Task description » The lines from the start of the data up to and including the one with "with BuildPart() as" should be returned exactly, and nothing else.

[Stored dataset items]
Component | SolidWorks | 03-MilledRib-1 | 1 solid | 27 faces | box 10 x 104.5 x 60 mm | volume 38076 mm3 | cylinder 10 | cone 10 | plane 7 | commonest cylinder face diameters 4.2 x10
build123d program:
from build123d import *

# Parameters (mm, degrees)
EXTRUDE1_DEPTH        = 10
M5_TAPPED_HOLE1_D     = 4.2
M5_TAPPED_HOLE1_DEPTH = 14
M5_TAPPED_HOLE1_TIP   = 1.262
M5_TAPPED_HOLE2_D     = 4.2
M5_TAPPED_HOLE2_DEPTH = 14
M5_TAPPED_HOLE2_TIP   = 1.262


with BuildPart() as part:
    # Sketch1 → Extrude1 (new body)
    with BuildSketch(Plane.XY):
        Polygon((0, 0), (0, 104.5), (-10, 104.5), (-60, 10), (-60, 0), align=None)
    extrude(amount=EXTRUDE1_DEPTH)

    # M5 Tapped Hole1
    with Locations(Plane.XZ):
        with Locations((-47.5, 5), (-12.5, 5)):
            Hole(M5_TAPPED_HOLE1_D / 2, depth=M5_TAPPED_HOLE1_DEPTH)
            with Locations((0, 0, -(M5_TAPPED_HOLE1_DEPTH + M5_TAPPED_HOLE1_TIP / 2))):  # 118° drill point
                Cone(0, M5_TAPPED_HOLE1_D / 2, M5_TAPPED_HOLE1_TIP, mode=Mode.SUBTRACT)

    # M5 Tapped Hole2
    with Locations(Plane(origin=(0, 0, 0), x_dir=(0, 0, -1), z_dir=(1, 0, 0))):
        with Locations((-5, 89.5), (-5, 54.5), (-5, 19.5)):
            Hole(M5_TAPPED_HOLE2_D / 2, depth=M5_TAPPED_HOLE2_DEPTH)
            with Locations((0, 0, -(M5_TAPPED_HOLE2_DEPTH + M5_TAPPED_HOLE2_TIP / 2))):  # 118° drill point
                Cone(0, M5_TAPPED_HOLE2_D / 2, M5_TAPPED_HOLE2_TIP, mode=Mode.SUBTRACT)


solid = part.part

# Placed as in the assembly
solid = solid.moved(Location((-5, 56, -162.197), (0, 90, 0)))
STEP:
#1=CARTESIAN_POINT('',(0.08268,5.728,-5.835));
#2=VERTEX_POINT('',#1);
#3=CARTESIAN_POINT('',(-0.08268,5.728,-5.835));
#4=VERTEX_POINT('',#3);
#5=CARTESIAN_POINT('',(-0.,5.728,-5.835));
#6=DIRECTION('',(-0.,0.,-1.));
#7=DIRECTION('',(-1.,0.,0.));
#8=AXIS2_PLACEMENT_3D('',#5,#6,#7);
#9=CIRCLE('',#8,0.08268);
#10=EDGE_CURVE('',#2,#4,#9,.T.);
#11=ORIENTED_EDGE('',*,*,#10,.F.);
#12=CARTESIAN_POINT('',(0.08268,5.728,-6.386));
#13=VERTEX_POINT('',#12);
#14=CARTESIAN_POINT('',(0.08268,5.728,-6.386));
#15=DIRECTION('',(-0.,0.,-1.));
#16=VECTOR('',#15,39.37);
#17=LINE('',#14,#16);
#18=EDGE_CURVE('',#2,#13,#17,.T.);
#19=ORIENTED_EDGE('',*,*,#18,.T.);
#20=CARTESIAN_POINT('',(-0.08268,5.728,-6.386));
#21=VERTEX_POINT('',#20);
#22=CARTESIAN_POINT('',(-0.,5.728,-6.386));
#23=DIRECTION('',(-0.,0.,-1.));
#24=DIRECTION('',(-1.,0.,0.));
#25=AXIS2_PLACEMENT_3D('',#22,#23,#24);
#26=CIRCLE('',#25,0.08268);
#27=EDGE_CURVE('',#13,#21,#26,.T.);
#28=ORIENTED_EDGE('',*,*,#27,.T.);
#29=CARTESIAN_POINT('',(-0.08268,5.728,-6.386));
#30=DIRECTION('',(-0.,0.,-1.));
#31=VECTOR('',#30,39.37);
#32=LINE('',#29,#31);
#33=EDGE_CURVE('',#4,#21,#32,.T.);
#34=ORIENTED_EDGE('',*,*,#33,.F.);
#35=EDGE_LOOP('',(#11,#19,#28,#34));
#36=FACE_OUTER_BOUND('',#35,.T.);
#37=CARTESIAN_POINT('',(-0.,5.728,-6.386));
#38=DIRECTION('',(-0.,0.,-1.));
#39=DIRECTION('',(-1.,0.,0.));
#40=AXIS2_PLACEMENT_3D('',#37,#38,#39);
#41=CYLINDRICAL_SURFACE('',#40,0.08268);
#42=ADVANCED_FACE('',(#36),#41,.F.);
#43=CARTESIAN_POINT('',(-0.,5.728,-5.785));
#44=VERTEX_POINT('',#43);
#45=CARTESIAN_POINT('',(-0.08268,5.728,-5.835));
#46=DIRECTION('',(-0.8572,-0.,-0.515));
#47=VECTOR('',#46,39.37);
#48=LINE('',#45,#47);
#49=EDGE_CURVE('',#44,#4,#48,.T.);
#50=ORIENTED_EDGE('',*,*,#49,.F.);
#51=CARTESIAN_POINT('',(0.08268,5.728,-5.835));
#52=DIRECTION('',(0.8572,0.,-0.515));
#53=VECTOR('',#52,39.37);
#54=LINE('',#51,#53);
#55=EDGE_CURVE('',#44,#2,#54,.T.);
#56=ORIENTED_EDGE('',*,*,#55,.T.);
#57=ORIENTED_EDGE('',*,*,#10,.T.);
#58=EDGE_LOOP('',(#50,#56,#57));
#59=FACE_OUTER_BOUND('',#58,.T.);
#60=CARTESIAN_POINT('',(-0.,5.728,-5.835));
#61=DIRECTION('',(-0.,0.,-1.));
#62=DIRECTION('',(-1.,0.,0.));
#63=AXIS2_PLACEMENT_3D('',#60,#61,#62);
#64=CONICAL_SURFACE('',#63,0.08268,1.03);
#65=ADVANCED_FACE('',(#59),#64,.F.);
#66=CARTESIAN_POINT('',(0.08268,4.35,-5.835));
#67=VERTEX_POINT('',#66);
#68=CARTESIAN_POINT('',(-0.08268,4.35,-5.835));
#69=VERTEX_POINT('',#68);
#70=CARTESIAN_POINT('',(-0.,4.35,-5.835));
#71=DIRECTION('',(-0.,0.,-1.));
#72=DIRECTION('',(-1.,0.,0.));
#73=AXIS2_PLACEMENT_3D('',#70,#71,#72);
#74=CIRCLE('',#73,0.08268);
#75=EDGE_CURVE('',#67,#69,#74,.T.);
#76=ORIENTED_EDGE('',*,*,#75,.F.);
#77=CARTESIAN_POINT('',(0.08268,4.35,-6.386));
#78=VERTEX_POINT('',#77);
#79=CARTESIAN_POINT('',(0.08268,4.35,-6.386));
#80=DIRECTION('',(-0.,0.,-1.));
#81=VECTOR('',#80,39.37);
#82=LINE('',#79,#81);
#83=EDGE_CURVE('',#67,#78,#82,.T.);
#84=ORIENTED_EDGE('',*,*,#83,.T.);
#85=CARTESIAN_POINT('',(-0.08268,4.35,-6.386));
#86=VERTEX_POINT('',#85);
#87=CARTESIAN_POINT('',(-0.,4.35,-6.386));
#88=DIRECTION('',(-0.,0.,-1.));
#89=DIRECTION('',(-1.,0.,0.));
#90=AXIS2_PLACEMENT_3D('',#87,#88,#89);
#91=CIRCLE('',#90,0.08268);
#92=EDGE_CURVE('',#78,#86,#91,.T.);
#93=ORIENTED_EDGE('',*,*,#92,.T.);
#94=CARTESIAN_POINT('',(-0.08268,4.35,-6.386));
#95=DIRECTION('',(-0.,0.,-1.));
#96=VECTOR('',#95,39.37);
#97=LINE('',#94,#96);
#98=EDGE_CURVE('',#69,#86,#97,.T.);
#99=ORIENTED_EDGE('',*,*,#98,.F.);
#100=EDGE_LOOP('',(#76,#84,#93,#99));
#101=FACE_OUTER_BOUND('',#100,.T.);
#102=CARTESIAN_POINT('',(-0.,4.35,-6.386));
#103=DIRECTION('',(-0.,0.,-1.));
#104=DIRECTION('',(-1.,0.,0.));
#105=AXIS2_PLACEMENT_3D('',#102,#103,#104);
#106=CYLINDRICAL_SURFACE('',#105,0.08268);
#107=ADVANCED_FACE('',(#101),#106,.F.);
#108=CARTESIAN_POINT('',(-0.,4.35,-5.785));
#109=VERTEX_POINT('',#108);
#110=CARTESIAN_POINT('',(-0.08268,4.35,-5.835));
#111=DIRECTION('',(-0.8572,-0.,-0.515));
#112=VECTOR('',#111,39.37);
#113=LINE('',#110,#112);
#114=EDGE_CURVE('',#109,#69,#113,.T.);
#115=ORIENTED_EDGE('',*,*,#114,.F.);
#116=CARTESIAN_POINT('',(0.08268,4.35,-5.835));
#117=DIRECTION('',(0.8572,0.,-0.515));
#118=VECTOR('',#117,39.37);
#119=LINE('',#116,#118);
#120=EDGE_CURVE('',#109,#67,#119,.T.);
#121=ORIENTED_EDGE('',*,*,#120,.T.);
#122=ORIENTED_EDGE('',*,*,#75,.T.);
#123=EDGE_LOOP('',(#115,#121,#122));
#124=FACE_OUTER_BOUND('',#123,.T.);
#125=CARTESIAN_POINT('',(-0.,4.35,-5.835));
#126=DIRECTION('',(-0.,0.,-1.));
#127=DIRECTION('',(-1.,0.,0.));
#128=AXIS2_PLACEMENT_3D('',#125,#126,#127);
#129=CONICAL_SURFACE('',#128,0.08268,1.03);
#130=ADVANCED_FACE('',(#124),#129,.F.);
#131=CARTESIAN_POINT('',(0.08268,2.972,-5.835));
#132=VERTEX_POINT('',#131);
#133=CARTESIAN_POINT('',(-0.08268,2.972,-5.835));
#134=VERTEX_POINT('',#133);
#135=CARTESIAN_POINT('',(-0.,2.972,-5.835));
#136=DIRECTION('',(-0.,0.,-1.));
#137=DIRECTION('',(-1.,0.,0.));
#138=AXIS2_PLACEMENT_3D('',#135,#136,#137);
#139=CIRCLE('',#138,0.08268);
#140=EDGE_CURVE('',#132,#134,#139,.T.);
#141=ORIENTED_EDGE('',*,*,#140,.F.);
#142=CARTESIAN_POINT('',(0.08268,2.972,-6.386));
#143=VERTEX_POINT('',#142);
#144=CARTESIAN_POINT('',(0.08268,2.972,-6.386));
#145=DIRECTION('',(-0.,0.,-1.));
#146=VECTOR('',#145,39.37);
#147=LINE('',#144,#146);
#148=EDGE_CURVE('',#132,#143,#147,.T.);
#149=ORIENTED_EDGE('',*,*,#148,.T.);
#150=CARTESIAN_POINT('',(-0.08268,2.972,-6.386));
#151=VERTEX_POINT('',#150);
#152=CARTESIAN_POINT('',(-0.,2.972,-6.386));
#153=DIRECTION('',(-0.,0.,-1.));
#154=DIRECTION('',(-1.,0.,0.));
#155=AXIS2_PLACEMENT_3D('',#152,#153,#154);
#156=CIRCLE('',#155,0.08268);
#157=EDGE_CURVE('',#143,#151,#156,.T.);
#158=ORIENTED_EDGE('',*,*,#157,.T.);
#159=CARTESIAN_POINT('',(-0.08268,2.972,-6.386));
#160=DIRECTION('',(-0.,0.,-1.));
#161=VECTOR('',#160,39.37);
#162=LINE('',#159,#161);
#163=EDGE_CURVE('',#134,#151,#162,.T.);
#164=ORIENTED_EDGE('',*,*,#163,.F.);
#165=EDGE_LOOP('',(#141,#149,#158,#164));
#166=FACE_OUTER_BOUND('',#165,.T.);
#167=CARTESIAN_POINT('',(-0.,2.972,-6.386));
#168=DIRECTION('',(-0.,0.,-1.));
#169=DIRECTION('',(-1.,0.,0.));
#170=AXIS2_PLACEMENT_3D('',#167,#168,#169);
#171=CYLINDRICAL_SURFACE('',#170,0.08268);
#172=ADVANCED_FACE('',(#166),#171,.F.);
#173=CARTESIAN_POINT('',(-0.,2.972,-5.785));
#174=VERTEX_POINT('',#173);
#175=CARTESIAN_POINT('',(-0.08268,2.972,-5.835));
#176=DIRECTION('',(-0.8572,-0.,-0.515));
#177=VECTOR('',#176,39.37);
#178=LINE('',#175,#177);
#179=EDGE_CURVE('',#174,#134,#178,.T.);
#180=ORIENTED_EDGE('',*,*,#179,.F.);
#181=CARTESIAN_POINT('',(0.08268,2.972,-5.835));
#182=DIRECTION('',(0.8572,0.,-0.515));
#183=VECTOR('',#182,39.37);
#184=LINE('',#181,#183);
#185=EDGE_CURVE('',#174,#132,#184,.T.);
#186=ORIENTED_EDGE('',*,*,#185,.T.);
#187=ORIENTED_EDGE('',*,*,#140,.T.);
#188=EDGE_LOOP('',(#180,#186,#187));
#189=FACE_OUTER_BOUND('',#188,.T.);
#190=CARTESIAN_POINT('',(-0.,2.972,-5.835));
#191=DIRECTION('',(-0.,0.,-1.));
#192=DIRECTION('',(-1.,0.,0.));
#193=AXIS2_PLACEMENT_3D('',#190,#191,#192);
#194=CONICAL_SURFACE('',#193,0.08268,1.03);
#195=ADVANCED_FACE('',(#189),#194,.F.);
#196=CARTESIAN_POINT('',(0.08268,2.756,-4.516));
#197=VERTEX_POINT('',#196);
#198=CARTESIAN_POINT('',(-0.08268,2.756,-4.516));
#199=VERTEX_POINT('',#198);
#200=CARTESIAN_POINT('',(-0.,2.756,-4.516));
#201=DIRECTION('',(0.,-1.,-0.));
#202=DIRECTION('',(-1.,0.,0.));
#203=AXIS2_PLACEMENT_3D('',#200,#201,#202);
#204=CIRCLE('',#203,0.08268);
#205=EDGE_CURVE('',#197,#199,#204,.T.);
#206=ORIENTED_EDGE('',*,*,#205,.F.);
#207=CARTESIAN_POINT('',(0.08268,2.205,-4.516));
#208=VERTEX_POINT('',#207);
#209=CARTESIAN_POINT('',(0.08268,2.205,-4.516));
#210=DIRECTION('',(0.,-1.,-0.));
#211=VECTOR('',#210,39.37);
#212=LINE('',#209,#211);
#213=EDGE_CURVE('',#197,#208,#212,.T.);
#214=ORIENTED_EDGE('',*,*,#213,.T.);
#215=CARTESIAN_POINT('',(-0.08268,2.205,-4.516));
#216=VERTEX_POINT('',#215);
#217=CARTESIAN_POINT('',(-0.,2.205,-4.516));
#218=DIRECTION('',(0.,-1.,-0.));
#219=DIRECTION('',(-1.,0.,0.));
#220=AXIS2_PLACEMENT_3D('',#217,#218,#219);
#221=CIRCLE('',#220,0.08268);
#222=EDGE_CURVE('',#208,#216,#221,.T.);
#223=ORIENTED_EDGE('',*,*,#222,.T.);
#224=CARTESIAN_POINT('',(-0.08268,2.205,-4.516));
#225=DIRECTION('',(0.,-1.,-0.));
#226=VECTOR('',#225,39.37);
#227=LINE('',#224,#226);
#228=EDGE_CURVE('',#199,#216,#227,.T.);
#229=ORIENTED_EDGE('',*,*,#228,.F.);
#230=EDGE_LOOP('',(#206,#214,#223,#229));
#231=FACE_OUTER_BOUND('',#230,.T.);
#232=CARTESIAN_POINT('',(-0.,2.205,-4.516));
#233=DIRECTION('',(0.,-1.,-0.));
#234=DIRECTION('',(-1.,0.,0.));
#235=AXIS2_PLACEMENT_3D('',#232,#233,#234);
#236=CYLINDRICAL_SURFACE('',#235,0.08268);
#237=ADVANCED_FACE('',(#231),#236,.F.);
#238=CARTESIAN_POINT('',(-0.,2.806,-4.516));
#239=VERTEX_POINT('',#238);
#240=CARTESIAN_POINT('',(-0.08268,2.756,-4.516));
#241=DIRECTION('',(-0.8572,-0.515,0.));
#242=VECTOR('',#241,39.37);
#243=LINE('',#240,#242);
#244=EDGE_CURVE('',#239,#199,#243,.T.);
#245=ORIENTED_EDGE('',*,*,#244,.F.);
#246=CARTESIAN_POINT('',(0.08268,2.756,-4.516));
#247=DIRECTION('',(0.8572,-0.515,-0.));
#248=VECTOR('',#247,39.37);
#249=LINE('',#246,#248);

Solution below »
Component | SolidWorks | 03-MilledRib-1 | 1 solid | 27 faces | box 10 x 104.5 x 60 mm | volume 38076 mm3 | cylinder 10 | cone 10 | plane 7 | commonest cylinder face diameters 4.2 x10
build123d program:
from build123d import *

# Parameters (mm, degrees)
EXTRUDE1_DEPTH        = 10
M5_TAPPED_HOLE1_D     = 4.2
M5_TAPPED_HOLE1_DEPTH = 14
M5_TAPPED_HOLE1_TIP   = 1.262
M5_TAPPED_HOLE2_D     = 4.2
M5_TAPPED_HOLE2_DEPTH = 14
M5_TAPPED_HOLE2_TIP   = 1.262


with BuildPart() as part:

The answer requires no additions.